Aim of the task
Skip all pictures, then copy the lines from the start of the data through the line with "p1 = place(None, origin())", keeping both ends.

[Dataset records]
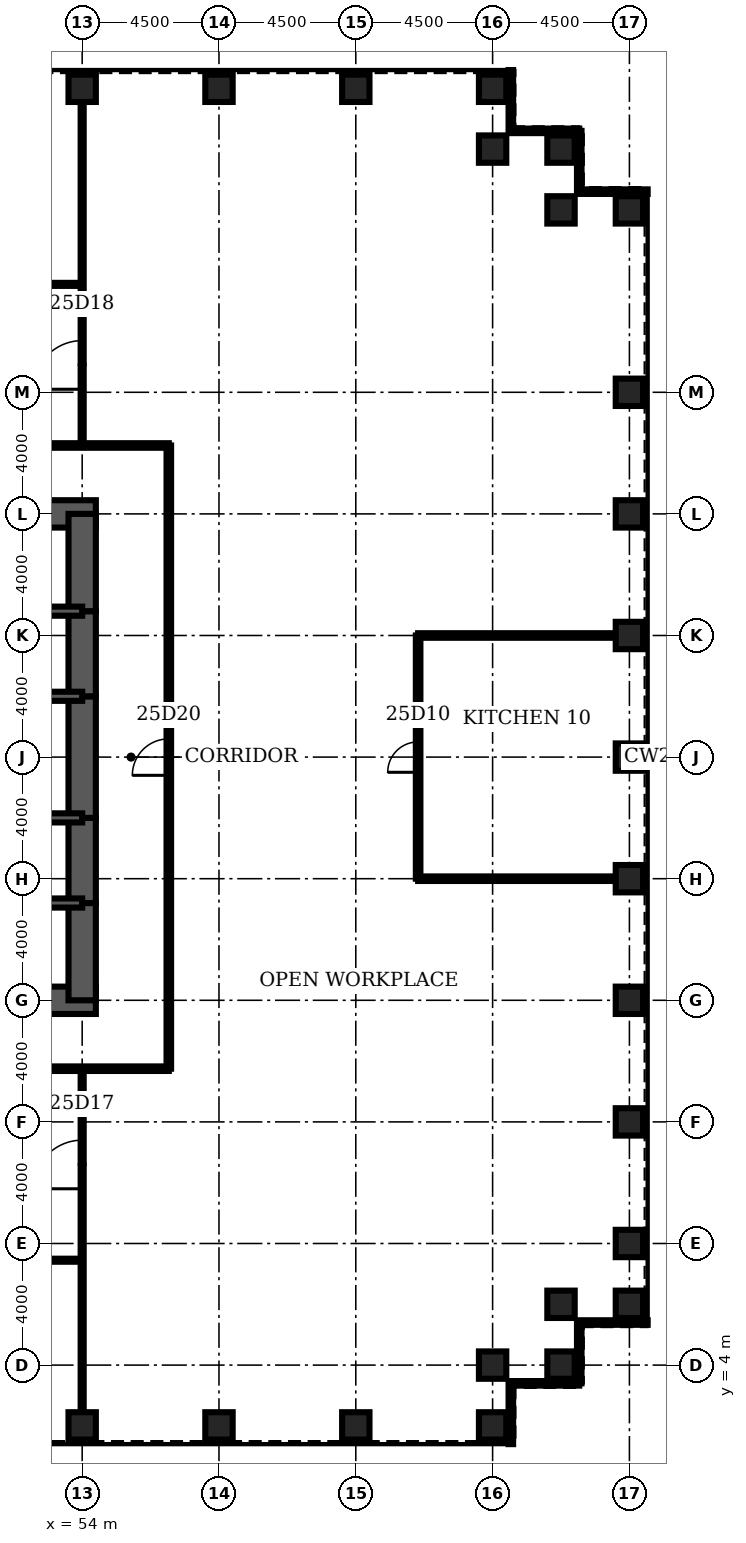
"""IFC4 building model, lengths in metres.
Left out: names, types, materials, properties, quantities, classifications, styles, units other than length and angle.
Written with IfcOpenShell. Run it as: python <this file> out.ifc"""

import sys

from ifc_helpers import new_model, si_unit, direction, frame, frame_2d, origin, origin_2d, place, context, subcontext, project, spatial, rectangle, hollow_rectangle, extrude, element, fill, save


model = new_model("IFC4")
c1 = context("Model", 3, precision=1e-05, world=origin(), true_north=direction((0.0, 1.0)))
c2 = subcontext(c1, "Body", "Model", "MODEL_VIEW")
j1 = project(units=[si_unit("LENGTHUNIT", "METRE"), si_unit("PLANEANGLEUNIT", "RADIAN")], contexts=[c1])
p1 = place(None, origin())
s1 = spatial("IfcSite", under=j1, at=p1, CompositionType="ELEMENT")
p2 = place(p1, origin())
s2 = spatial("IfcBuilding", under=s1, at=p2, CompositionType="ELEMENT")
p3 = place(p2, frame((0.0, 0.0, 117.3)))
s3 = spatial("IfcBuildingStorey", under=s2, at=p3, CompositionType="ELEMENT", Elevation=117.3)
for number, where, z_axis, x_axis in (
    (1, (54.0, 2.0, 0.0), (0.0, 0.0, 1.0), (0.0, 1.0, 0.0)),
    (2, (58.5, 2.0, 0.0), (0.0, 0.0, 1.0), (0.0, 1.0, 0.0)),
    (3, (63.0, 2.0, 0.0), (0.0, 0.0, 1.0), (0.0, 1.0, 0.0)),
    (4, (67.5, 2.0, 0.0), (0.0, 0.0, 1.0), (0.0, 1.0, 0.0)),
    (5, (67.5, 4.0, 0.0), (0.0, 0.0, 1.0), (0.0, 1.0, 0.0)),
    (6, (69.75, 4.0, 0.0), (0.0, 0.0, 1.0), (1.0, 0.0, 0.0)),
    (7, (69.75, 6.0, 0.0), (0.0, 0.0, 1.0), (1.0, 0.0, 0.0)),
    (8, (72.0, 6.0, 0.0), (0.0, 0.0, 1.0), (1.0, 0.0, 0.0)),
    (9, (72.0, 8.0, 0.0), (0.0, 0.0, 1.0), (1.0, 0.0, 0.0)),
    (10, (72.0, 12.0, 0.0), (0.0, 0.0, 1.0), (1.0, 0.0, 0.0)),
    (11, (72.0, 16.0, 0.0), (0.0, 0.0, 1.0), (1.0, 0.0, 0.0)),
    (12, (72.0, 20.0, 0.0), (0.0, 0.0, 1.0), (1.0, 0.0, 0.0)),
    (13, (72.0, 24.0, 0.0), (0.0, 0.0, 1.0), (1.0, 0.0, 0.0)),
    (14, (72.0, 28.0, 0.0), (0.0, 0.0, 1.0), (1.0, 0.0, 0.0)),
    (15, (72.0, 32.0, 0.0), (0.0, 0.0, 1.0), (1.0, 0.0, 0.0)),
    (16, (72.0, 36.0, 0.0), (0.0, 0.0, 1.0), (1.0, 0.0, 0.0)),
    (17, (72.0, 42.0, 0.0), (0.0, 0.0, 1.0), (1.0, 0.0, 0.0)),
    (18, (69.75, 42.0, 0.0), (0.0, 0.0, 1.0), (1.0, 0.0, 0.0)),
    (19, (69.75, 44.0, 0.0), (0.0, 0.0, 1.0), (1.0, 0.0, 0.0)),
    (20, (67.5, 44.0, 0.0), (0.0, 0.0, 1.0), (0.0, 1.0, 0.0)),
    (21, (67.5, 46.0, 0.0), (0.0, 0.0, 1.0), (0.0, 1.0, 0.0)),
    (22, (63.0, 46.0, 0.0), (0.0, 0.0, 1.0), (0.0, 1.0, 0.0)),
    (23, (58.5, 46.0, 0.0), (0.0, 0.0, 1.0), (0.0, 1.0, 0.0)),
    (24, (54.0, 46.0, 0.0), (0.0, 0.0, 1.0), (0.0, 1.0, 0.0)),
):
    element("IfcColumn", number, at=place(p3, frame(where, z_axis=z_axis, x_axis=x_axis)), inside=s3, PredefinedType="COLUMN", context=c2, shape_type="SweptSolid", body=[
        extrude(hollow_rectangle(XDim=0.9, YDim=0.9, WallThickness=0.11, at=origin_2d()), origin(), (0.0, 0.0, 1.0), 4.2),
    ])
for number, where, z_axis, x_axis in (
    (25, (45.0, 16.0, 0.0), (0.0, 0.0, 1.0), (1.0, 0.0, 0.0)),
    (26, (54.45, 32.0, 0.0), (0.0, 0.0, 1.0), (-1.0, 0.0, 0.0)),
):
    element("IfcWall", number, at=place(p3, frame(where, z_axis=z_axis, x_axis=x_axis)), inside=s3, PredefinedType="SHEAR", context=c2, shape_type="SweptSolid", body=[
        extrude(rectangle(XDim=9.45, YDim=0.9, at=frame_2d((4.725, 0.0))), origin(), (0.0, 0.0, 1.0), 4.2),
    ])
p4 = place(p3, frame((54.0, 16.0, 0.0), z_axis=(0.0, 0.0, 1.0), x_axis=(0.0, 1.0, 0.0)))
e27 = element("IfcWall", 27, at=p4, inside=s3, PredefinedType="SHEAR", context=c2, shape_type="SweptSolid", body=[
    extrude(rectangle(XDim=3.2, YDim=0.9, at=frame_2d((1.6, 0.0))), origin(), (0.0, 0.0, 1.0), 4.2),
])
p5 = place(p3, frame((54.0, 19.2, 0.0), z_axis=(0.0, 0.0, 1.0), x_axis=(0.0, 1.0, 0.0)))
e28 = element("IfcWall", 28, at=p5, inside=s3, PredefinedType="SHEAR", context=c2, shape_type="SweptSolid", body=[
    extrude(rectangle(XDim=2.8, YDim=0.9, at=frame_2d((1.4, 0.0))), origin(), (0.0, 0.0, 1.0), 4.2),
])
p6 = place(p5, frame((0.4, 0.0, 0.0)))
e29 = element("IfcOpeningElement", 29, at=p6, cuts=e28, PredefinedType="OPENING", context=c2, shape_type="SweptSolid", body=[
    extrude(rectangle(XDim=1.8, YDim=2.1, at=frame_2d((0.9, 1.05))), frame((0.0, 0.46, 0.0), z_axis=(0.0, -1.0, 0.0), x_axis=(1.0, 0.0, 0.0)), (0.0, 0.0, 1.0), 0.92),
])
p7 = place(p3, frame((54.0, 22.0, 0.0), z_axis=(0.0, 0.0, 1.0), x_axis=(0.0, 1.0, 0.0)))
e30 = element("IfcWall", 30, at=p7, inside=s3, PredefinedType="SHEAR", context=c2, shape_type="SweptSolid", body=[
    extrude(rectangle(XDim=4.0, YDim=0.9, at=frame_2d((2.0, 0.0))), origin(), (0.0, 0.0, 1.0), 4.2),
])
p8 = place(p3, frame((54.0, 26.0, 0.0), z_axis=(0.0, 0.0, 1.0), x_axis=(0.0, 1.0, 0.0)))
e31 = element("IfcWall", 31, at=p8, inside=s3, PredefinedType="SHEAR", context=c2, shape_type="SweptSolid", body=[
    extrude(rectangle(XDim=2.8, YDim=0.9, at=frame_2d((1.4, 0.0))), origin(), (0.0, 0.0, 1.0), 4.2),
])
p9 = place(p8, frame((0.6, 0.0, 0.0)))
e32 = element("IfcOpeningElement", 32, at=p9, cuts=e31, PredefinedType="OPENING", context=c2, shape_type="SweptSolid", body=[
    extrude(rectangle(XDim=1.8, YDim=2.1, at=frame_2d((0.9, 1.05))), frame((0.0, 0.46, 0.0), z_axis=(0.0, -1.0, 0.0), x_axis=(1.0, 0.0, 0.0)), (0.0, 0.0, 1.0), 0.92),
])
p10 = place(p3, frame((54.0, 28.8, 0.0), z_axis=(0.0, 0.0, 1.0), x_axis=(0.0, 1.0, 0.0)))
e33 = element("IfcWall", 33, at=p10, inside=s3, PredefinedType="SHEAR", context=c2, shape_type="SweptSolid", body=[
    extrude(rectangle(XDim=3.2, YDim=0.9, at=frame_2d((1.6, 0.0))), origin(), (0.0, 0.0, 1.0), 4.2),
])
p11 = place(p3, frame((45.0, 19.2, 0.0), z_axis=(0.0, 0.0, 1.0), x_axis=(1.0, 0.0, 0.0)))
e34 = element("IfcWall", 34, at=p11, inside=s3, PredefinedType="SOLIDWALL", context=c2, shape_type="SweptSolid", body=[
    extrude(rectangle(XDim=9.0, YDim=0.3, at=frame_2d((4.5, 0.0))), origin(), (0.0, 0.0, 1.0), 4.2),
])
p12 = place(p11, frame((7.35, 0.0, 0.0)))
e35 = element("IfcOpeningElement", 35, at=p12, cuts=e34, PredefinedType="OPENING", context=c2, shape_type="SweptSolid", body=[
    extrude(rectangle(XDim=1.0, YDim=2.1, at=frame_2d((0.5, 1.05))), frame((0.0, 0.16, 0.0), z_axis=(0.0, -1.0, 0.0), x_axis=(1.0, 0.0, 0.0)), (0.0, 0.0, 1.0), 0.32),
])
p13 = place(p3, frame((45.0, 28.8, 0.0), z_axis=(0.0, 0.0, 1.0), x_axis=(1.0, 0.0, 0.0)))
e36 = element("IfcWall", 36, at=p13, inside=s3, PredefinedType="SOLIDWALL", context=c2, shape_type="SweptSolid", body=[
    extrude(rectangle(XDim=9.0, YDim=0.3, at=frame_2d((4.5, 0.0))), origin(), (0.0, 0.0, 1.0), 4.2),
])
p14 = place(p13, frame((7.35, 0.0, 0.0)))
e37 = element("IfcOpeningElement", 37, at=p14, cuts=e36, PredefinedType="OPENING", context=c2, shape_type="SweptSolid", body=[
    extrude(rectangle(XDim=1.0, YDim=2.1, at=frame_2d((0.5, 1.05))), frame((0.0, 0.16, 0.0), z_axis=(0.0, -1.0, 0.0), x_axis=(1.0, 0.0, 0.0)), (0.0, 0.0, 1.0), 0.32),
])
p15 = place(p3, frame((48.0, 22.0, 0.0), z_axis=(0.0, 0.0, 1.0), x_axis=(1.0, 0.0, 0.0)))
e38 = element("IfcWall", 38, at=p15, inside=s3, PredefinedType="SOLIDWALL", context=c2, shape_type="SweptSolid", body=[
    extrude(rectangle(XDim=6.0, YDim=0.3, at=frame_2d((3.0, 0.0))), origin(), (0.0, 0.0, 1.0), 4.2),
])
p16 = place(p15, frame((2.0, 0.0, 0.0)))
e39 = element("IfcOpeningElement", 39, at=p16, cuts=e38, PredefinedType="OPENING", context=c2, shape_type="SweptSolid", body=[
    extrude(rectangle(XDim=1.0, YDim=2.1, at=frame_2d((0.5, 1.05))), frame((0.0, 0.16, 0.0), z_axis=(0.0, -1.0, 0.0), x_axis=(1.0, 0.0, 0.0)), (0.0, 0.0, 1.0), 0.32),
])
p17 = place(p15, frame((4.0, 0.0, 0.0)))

Expected answer
"""IFC4 building model, lengths in metres.
Left out: names, types, materials, properties, quantities, classifications, styles, units other than length and angle.
Written with IfcOpenShell. Run it as: python <this file> out.ifc"""

import sys

from ifc_helpers import new_model, si_unit, direction, frame, frame_2d, origin, origin_2d, place, context, subcontext, project, spatial, rectangle, hollow_rectangle, extrude, element, fill, save


model = new_model("IFC4")
c1 = context("Model", 3, precision=1e-05, world=origin(), true_north=direction((0.0, 1.0)))
c2 = subcontext(c1, "Body", "Model", "MODEL_VIEW")
j1 = project(units=[si_unit("LENGTHUNIT", "METRE"), si_unit("PLANEANGLEUNIT", "RADIAN")], contexts=[c1])
p1 = place(None, origin())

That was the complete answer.